→ **TASK DETAILS**
Somewhere below, one line contains "#220=ORIENTED_EDGE('',*,*,#219,.T.);" and a later line contains "#272=VECTOR('',#271,1.);". Output those two lines and everything between them exactly, and nothing else.

→ **EXCERPTED RECORDS**
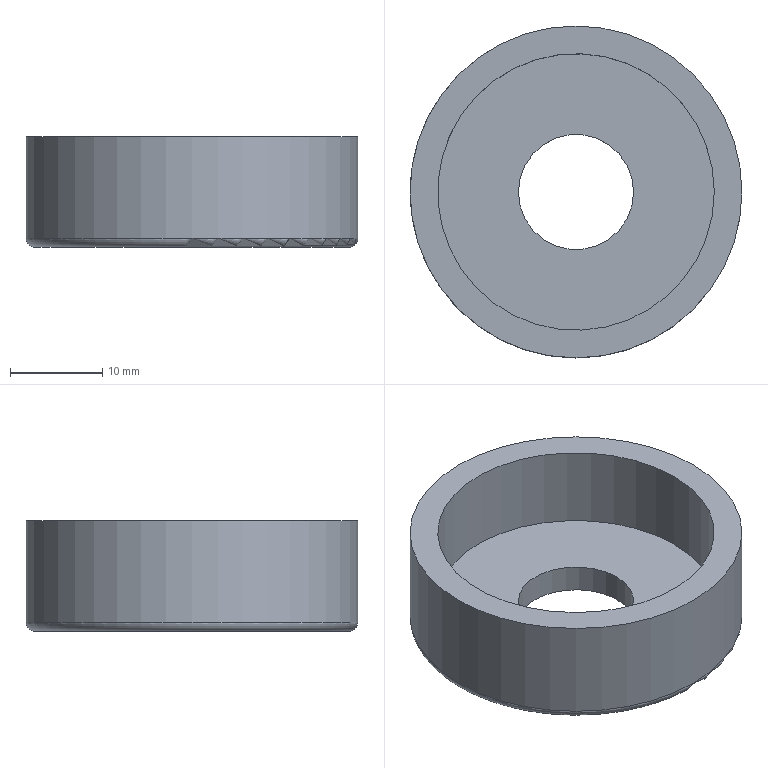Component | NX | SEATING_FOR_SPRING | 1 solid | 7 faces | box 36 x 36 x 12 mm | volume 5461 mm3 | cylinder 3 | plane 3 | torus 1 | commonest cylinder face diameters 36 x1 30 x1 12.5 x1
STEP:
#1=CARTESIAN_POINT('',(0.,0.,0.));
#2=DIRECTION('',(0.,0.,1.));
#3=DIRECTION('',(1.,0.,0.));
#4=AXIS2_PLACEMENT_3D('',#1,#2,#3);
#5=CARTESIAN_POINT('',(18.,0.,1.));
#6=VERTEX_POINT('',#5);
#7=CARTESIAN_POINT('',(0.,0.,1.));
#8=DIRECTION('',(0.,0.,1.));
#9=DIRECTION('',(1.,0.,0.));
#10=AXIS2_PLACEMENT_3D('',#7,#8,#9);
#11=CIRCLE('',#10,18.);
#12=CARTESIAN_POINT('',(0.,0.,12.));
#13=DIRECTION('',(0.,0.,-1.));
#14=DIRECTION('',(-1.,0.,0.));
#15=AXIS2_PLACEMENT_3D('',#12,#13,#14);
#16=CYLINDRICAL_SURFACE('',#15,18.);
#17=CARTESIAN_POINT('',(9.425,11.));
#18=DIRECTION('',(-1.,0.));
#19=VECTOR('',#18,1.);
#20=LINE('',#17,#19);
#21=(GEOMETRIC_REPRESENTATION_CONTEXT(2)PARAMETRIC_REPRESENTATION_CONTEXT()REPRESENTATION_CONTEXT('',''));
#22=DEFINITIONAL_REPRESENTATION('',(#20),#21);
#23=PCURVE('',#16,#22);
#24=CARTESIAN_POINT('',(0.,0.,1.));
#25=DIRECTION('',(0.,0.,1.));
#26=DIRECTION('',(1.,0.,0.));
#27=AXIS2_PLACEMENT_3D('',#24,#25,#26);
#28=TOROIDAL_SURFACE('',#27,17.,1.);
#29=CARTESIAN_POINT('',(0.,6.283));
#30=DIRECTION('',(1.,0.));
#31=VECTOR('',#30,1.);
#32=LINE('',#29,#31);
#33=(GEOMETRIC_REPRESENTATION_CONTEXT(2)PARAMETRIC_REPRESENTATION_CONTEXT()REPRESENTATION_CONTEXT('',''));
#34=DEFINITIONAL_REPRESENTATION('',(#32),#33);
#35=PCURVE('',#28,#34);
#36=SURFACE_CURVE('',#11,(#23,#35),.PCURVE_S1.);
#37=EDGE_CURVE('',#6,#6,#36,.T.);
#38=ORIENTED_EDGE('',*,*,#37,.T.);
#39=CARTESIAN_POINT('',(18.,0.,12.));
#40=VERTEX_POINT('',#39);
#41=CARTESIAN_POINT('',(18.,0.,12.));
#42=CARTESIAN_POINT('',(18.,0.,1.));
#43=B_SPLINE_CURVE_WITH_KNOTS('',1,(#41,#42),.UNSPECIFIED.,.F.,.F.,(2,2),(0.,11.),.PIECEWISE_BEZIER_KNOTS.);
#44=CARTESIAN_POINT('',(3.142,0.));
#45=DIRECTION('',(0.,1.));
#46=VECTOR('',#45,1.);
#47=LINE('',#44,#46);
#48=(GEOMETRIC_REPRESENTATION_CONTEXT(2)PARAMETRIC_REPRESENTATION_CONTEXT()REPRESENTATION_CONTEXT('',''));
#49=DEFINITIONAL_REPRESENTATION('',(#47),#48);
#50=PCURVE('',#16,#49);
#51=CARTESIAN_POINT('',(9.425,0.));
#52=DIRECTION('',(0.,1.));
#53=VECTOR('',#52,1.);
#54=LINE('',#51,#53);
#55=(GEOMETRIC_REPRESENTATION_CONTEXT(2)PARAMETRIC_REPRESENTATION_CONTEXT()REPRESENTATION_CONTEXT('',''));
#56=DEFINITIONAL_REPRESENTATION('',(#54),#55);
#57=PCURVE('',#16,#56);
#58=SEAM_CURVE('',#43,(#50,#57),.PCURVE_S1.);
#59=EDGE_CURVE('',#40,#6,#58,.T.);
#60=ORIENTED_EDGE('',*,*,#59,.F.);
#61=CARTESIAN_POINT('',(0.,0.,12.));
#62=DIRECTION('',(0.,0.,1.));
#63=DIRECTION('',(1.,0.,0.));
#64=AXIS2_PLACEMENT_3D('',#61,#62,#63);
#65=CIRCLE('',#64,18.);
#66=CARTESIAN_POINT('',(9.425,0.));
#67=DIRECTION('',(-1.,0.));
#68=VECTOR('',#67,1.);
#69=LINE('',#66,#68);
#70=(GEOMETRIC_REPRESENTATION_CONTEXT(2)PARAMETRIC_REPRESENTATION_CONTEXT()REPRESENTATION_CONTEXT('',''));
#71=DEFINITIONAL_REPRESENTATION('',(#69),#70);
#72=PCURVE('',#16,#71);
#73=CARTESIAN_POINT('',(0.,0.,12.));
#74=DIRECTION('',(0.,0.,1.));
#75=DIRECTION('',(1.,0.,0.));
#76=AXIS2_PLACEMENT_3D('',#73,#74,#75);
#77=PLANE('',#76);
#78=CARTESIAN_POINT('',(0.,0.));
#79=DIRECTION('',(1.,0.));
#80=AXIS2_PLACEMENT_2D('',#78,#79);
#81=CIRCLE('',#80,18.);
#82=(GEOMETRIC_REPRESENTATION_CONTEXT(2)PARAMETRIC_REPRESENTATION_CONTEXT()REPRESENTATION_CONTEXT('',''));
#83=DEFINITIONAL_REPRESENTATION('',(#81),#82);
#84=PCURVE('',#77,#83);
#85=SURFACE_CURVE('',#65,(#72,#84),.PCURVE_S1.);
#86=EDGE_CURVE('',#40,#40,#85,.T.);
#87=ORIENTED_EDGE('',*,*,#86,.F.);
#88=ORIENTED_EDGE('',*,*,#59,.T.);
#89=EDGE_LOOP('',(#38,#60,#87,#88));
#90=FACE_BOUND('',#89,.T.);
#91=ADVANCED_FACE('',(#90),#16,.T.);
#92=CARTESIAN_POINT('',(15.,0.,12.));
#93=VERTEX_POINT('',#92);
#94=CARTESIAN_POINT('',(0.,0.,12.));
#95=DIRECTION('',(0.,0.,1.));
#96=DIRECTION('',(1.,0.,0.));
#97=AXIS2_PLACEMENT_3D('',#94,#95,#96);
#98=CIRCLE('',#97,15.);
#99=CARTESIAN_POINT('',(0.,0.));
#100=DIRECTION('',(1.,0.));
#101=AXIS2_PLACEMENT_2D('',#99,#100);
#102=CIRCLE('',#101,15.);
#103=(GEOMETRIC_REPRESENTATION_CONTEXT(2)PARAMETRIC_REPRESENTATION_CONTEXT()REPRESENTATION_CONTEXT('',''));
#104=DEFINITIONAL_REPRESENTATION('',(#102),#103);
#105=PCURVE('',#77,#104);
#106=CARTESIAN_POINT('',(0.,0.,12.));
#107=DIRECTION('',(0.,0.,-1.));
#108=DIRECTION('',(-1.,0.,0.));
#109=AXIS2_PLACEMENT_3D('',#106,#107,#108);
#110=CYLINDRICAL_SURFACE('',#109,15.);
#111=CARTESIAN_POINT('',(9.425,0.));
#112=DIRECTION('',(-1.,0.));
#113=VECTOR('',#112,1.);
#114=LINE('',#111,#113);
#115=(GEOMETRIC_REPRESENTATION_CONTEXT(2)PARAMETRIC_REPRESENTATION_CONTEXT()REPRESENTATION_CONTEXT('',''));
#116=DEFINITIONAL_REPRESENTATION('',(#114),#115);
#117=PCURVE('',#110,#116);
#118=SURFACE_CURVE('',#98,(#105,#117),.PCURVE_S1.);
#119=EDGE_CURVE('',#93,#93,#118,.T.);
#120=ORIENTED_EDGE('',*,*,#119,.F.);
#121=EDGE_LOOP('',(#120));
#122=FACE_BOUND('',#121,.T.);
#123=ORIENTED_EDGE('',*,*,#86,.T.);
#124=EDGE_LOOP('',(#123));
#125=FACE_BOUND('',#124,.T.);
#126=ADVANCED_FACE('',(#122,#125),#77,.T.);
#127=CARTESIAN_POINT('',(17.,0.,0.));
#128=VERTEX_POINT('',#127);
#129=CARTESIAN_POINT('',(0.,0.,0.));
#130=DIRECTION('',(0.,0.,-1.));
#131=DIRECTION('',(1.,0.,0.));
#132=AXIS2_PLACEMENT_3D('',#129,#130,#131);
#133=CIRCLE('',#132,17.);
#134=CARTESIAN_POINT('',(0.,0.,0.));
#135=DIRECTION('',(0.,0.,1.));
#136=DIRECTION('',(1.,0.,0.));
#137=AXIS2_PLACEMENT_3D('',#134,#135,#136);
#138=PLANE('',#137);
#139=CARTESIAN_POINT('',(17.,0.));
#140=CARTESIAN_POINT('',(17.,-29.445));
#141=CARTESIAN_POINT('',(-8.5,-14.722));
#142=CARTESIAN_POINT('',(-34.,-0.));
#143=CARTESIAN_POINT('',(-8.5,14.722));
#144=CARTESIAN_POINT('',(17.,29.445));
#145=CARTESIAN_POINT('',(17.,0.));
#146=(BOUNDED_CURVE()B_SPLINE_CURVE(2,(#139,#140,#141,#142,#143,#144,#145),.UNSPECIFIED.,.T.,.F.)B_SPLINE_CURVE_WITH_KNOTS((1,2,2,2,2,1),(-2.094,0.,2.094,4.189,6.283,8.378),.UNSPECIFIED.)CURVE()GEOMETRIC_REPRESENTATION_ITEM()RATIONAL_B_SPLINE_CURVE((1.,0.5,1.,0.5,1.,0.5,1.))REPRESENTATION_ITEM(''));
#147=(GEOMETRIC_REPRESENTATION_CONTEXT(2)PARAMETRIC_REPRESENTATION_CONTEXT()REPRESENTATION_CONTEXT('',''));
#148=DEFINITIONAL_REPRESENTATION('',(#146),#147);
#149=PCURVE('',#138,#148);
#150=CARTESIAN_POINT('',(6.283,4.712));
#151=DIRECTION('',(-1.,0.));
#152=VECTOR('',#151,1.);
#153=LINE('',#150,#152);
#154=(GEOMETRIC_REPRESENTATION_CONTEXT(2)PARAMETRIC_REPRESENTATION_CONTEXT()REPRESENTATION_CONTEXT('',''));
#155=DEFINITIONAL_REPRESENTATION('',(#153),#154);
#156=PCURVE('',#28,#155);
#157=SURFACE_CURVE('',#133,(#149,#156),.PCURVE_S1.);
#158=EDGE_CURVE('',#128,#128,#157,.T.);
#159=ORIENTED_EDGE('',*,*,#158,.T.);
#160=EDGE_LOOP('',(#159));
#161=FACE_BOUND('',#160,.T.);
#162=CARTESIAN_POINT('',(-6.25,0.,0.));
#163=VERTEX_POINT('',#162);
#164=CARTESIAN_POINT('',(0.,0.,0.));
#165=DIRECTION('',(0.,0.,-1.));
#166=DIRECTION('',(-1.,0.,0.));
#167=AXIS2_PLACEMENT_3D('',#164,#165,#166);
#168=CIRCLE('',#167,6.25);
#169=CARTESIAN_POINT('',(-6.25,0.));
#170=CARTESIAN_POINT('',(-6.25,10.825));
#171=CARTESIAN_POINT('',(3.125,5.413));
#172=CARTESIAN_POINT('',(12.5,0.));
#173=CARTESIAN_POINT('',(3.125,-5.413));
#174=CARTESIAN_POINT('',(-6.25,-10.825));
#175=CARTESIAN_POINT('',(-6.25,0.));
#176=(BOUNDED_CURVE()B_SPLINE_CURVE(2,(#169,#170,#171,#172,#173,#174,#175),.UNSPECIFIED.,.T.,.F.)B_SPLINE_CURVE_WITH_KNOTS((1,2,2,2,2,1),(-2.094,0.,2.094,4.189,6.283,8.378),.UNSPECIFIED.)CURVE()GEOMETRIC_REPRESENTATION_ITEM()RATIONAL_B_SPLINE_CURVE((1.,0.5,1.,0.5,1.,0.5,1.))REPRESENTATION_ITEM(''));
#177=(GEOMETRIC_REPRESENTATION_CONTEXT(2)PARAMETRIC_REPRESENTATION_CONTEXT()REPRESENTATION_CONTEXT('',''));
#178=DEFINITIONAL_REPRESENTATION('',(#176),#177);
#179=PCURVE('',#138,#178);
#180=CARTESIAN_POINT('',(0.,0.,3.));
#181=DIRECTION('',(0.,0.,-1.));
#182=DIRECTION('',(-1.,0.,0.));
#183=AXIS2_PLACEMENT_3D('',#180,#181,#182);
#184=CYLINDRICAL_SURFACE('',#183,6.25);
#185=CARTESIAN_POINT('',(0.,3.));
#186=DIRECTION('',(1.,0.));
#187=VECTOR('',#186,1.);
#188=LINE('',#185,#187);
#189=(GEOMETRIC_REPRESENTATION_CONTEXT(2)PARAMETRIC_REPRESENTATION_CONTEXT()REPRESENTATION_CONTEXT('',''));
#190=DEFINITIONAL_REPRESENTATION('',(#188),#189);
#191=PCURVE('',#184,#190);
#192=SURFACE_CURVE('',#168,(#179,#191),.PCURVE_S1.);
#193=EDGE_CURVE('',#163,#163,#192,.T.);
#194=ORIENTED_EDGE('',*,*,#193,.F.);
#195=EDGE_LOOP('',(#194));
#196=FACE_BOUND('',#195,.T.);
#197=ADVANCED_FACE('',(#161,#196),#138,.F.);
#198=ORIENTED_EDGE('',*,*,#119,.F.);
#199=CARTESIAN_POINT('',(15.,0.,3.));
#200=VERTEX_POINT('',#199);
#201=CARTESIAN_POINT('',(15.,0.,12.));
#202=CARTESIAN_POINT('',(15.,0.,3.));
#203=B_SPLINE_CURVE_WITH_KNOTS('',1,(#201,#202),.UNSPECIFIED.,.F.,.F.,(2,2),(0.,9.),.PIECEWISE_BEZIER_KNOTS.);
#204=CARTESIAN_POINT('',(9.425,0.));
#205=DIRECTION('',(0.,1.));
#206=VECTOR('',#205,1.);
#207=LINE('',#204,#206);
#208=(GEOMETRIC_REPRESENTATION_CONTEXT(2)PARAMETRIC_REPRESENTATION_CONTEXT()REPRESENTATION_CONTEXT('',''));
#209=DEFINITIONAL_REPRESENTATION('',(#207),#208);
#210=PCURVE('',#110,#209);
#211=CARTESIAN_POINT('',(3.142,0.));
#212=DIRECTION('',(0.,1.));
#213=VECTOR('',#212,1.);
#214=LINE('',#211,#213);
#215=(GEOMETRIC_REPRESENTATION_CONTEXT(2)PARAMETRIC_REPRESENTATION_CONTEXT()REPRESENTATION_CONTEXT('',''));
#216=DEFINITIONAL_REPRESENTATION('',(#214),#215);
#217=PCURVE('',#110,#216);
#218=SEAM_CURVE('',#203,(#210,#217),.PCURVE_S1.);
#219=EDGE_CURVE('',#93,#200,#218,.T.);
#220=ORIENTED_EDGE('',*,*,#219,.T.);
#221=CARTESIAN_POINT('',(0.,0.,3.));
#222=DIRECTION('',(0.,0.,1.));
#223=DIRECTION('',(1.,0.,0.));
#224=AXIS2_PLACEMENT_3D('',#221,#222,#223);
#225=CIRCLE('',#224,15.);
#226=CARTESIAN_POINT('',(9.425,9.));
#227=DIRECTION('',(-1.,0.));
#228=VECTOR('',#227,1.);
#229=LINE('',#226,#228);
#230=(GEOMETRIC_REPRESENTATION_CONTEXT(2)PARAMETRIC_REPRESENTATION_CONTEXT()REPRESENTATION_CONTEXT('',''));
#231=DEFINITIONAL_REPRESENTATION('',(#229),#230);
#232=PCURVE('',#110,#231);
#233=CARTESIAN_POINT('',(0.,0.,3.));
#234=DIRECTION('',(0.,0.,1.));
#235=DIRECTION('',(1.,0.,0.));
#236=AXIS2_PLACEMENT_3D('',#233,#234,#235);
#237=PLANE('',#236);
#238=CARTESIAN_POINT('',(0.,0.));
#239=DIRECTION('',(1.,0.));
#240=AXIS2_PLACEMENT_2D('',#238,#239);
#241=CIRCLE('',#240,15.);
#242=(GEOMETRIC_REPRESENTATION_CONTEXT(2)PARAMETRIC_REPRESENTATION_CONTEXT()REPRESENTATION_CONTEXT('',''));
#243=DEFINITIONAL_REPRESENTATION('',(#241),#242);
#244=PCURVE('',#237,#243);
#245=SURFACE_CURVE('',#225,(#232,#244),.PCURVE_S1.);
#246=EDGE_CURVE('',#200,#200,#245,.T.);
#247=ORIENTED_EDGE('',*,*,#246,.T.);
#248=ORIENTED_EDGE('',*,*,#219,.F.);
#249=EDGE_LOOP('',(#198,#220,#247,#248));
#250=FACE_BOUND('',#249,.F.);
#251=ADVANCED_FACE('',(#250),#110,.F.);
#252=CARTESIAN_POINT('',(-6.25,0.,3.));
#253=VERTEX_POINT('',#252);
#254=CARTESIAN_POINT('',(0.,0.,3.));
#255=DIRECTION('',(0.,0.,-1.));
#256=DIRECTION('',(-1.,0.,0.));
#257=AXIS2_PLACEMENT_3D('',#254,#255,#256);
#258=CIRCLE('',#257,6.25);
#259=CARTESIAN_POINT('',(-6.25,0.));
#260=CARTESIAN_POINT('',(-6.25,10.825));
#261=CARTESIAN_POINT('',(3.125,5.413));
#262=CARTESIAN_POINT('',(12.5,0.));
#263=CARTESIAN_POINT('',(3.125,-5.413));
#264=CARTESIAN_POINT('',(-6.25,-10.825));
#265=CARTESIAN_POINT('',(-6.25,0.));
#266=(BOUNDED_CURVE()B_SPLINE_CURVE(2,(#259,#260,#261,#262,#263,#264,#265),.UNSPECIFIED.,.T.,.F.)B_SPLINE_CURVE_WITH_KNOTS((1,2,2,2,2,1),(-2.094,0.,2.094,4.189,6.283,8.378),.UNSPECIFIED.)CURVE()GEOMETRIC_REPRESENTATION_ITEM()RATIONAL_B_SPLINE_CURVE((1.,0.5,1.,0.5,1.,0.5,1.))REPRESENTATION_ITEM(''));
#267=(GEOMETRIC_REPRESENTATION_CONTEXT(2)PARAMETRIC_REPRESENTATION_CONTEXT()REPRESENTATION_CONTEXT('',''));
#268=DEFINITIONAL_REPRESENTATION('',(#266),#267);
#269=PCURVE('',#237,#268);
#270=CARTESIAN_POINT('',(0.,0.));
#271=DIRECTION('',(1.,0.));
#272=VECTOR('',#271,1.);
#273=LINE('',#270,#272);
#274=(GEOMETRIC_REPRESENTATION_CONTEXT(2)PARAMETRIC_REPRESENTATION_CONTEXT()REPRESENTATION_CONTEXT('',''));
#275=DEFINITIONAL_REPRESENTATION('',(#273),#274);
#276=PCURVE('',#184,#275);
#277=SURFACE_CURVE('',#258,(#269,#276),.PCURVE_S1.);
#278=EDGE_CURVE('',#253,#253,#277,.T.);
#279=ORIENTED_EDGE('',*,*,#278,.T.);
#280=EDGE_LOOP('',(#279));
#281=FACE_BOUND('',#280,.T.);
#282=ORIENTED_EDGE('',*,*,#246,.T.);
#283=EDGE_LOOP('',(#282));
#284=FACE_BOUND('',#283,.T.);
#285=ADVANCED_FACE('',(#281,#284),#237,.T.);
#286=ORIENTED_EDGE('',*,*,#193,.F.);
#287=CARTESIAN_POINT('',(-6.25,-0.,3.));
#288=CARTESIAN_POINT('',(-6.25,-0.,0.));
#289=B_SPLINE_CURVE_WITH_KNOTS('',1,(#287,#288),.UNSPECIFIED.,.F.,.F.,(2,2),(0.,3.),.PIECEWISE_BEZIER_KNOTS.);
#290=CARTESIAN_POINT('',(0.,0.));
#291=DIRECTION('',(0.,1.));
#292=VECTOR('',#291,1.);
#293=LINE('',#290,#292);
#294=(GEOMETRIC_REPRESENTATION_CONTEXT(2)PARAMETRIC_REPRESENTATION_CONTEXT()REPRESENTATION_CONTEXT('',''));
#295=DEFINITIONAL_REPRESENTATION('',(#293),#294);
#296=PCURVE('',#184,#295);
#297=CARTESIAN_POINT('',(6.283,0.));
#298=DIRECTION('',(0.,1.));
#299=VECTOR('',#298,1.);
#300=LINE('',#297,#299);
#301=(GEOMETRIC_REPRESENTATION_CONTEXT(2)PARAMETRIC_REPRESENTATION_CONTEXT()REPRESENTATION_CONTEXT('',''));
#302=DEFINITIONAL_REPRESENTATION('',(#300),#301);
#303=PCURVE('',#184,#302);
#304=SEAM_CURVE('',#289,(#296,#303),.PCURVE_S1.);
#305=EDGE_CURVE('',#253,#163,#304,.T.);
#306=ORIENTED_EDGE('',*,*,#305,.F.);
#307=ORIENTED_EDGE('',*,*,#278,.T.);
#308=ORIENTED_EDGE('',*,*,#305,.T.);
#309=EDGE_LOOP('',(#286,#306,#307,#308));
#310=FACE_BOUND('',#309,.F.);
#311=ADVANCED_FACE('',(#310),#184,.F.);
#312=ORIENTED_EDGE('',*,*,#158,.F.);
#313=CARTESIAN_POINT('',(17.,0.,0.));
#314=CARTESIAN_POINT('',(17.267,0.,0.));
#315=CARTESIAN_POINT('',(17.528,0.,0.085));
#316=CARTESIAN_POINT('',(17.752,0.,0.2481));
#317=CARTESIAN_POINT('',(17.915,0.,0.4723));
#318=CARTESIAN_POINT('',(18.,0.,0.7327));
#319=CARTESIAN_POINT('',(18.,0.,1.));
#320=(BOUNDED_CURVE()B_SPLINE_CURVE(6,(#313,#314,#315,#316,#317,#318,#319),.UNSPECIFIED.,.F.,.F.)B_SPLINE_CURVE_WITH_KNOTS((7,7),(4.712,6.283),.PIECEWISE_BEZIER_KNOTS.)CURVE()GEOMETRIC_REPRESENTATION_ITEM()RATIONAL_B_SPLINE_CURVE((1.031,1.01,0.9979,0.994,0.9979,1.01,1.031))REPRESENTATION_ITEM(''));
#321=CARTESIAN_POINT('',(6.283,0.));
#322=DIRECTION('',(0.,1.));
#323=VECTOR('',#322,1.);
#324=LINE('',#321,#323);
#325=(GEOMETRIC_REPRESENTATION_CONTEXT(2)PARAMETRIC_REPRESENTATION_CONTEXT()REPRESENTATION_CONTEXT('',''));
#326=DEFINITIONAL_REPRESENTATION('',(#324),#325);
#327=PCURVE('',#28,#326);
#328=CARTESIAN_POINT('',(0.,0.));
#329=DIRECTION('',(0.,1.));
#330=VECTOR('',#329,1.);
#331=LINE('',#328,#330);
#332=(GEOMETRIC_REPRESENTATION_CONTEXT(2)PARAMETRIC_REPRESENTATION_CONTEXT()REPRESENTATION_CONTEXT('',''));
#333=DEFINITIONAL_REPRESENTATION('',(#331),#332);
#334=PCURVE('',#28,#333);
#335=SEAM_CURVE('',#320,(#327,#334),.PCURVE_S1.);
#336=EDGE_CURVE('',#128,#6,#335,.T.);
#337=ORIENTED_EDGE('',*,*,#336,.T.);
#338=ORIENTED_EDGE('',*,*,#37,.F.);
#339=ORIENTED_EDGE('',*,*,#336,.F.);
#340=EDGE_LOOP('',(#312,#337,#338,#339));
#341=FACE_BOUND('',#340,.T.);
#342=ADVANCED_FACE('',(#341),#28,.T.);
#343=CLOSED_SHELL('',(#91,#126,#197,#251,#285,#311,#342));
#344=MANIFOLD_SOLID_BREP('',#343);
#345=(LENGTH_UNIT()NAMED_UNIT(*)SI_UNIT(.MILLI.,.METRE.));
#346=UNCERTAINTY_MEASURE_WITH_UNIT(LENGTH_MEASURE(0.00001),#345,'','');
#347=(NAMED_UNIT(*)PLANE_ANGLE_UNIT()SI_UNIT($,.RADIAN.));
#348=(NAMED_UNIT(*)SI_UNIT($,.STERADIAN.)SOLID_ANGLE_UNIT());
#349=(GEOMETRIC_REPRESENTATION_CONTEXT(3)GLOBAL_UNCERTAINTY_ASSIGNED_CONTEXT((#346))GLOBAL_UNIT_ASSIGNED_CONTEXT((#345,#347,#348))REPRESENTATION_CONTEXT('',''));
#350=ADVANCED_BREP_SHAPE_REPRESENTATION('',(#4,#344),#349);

→ **FINISHED TASK**
#220=ORIENTED_EDGE('',*,*,#219,.T.);
#221=CARTESIAN_POINT('',(0.,0.,3.));
#222=DIRECTION('',(0.,0.,1.));
#223=DIRECTION('',(1.,0.,0.));
#224=AXIS2_PLACEMENT_3D('',#221,#222,#223);
#225=CIRCLE('',#224,15.);
#226=CARTESIAN_POINT('',(9.425,9.));
#227=DIRECTION('',(-1.,0.));
#228=VECTOR('',#227,1.);
#229=LINE('',#226,#228);
#230=(GEOMETRIC_REPRESENTATION_CONTEXT(2)PARAMETRIC_REPRESENTATION_CONTEXT()REPRESENTATION_CONTEXT('',''));
#231=DEFINITIONAL_REPRESENTATION('',(#229),#230);
#232=PCURVE('',#110,#231);
#233=CARTESIAN_POINT('',(0.,0.,3.));
#234=DIRECTION('',(0.,0.,1.));
#235=DIRECTION('',(1.,0.,0.));
#236=AXIS2_PLACEMENT_3D('',#233,#234,#235);
#237=PLANE('',#236);
#238=CARTESIAN_POINT('',(0.,0.));
#239=DIRECTION('',(1.,0.));
#240=AXIS2_PLACEMENT_2D('',#238,#239);
#241=CIRCLE('',#240,15.);
#242=(GEOMETRIC_REPRESENTATION_CONTEXT(2)PARAMETRIC_REPRESENTATION_CONTEXT()REPRESENTATION_CONTEXT('',''));
#243=DEFINITIONAL_REPRESENTATION('',(#241),#242);
#244=PCURVE('',#237,#243);
#245=SURFACE_CURVE('',#225,(#232,#244),.PCURVE_S1.);
#246=EDGE_CURVE('',#200,#200,#245,.T.);
#247=ORIENTED_EDGE('',*,*,#246,.T.);
#248=ORIENTED_EDGE('',*,*,#219,.F.);
#249=EDGE_LOOP('',(#198,#220,#247,#248));
#250=FACE_BOUND('',#249,.F.);
#251=ADVANCED_FACE('',(#250),#110,.F.);
#252=CARTESIAN_POINT('',(-6.25,0.,3.));
#253=VERTEX_POINT('',#252);
#254=CARTESIAN_POINT('',(0.,0.,3.));
#255=DIRECTION('',(0.,0.,-1.));
#256=DIRECTION('',(-1.,0.,0.));
#257=AXIS2_PLACEMENT_3D('',#254,#255,#256);
#258=CIRCLE('',#257,6.25);
#259=CARTESIAN_POINT('',(-6.25,0.));
#260=CARTESIAN_POINT('',(-6.25,10.825));
#261=CARTESIAN_POINT('',(3.125,5.413));
#262=CARTESIAN_POINT('',(12.5,0.));
#263=CARTESIAN_POINT('',(3.125,-5.413));
#264=CARTESIAN_POINT('',(-6.25,-10.825));
#265=CARTESIAN_POINT('',(-6.25,0.));
#266=(BOUNDED_CURVE()B_SPLINE_CURVE(2,(#259,#260,#261,#262,#263,#264,#265),.UNSPECIFIED.,.T.,.F.)B_SPLINE_CURVE_WITH_KNOTS((1,2,2,2,2,1),(-2.094,0.,2.094,4.189,6.283,8.378),.UNSPECIFIED.)CURVE()GEOMETRIC_REPRESENTATION_ITEM()RATIONAL_B_SPLINE_CURVE((1.,0.5,1.,0.5,1.,0.5,1.))REPRESENTATION_ITEM(''));
#267=(GEOMETRIC_REPRESENTATION_CONTEXT(2)PARAMETRIC_REPRESENTATION_CONTEXT()REPRESENTATION_CONTEXT('',''));
#268=DEFINITIONAL_REPRESENTATION('',(#266),#267);
#269=PCURVE('',#237,#268);
#270=CARTESIAN_POINT('',(0.,0.));
#271=DIRECTION('',(1.,0.));
#272=VECTOR('',#271,1.);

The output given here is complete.